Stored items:
....

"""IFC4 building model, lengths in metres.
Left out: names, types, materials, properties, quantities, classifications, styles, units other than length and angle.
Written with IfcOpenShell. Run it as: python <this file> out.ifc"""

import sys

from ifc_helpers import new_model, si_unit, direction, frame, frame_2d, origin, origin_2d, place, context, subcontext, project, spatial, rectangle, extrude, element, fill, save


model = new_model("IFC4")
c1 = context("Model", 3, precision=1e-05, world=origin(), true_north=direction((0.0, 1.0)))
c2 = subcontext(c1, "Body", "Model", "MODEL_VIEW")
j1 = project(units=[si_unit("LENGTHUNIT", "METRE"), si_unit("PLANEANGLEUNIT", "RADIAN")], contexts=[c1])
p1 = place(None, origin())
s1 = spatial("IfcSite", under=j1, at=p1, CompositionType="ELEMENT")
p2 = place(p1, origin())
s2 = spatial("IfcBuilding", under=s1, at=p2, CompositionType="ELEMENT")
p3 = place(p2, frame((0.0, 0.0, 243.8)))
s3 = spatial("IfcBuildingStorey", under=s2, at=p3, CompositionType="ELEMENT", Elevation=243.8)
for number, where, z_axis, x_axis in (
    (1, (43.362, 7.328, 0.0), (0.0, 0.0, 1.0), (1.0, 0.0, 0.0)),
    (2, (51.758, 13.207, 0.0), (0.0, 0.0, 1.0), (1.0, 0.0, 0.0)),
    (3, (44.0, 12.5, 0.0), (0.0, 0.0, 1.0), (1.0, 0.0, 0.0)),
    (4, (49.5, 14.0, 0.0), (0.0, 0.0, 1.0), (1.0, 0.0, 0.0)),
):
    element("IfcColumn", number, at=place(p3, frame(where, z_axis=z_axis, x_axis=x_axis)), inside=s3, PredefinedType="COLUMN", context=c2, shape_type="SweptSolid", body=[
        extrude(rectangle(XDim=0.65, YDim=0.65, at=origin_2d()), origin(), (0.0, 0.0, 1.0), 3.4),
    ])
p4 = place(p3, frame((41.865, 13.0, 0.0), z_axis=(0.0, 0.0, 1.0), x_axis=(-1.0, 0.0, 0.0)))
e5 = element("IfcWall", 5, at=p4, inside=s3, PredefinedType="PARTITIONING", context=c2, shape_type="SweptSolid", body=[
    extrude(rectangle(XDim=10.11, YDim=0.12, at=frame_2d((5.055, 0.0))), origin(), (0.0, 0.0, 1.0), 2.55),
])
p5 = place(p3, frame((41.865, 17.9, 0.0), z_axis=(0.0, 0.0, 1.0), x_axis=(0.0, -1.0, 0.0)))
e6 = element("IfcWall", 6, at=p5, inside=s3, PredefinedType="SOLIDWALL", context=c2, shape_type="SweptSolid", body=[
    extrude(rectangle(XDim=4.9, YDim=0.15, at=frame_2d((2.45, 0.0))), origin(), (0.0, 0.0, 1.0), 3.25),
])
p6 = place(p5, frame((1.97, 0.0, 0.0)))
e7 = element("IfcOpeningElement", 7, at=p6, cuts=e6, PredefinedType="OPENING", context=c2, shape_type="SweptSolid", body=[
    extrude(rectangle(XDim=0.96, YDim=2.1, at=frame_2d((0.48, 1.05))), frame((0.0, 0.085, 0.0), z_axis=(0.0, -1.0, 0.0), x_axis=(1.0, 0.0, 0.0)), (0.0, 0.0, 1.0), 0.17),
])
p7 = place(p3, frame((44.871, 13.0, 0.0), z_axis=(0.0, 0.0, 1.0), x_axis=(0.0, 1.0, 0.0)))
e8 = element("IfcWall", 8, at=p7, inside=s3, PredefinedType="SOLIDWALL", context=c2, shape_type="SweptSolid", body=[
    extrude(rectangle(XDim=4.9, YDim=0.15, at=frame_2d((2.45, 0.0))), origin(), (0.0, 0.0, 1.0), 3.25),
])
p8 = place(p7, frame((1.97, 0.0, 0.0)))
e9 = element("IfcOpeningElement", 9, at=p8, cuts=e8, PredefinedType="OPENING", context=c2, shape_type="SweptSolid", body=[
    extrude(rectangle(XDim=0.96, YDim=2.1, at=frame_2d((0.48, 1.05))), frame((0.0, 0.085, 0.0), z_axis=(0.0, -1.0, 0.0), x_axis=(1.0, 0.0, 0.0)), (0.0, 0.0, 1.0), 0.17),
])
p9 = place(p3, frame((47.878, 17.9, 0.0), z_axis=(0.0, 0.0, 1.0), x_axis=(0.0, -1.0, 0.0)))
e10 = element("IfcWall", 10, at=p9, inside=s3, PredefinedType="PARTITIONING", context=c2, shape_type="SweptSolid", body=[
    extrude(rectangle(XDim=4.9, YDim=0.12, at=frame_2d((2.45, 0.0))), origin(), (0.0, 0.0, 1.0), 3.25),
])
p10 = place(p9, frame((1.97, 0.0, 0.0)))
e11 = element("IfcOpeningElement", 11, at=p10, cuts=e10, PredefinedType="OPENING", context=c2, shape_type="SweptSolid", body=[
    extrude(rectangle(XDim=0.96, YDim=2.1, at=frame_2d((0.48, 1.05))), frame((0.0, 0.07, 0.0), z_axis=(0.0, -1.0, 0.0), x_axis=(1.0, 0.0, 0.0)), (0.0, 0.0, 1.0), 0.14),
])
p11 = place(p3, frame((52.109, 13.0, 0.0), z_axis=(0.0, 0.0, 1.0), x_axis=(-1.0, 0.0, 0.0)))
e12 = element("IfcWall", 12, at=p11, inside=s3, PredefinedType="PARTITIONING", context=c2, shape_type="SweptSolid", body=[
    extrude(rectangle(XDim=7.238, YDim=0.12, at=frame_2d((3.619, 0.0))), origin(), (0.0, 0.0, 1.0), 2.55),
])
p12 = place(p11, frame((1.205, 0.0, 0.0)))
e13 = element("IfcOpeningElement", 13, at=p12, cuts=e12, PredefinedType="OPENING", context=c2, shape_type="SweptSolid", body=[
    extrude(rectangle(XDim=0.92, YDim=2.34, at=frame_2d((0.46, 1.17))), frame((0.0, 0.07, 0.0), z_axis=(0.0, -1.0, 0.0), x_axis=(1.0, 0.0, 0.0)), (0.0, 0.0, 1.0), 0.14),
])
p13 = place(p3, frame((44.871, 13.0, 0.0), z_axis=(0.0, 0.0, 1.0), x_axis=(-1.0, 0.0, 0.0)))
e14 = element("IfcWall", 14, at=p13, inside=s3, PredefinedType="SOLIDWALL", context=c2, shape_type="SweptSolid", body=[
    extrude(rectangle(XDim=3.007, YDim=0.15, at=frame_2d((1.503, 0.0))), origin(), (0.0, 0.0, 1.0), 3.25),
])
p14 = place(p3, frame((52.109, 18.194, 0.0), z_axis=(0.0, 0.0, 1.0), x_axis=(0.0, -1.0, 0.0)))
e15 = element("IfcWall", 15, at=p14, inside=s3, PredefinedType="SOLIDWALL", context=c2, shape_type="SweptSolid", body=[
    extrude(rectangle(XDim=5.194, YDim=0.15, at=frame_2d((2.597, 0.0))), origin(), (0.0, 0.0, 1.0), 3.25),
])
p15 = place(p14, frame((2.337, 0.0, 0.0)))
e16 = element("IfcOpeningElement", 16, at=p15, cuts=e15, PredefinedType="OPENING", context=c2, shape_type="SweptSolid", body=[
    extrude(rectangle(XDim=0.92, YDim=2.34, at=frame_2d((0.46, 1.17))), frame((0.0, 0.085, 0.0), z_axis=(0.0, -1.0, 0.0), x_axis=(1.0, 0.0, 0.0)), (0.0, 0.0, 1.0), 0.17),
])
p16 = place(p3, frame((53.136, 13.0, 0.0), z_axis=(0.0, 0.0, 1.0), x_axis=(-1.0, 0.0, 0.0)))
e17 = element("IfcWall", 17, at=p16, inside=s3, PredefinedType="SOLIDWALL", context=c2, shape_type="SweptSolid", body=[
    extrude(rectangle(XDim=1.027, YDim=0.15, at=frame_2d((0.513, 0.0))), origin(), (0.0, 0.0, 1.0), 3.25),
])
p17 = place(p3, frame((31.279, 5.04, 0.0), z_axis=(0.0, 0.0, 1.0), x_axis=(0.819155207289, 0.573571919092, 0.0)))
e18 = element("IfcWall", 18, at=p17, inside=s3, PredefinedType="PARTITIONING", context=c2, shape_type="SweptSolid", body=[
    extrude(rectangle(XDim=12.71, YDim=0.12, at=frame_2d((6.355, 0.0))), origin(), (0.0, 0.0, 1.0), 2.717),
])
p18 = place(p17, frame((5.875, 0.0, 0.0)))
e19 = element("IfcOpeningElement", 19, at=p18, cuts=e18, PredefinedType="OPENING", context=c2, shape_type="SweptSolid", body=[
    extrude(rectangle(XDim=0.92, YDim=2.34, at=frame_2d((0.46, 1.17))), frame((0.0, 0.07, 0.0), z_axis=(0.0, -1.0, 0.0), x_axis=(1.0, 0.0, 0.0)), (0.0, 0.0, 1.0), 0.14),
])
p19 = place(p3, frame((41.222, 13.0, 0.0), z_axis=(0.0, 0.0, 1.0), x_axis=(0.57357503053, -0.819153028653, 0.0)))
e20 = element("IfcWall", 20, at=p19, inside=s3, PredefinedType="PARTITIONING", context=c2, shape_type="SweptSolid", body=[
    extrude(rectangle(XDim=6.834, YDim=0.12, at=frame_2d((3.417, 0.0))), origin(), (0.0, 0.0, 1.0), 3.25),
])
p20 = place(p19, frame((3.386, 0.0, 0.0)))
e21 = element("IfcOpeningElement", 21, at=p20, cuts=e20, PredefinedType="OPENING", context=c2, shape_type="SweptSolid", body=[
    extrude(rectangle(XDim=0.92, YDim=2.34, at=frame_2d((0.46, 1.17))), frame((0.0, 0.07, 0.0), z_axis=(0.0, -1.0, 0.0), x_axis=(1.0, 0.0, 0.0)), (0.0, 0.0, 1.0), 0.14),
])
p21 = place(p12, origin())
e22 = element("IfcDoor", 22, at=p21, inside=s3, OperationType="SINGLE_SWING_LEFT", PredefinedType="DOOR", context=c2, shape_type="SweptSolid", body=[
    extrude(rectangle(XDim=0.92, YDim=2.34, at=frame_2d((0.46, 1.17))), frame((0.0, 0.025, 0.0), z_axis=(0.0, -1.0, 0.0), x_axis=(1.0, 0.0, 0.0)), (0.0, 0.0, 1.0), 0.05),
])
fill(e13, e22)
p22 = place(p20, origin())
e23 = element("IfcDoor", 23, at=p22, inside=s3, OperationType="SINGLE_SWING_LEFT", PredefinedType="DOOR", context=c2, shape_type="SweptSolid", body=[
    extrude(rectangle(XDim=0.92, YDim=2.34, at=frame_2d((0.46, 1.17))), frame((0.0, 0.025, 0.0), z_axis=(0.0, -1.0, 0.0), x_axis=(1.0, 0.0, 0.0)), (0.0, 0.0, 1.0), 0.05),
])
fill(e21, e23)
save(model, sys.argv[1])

....

§ **About this exercise**:
Looking at the records above, state the number of lines where the word "spatial" occurs, and write nothing beyond it.

§ **Written answer**:
4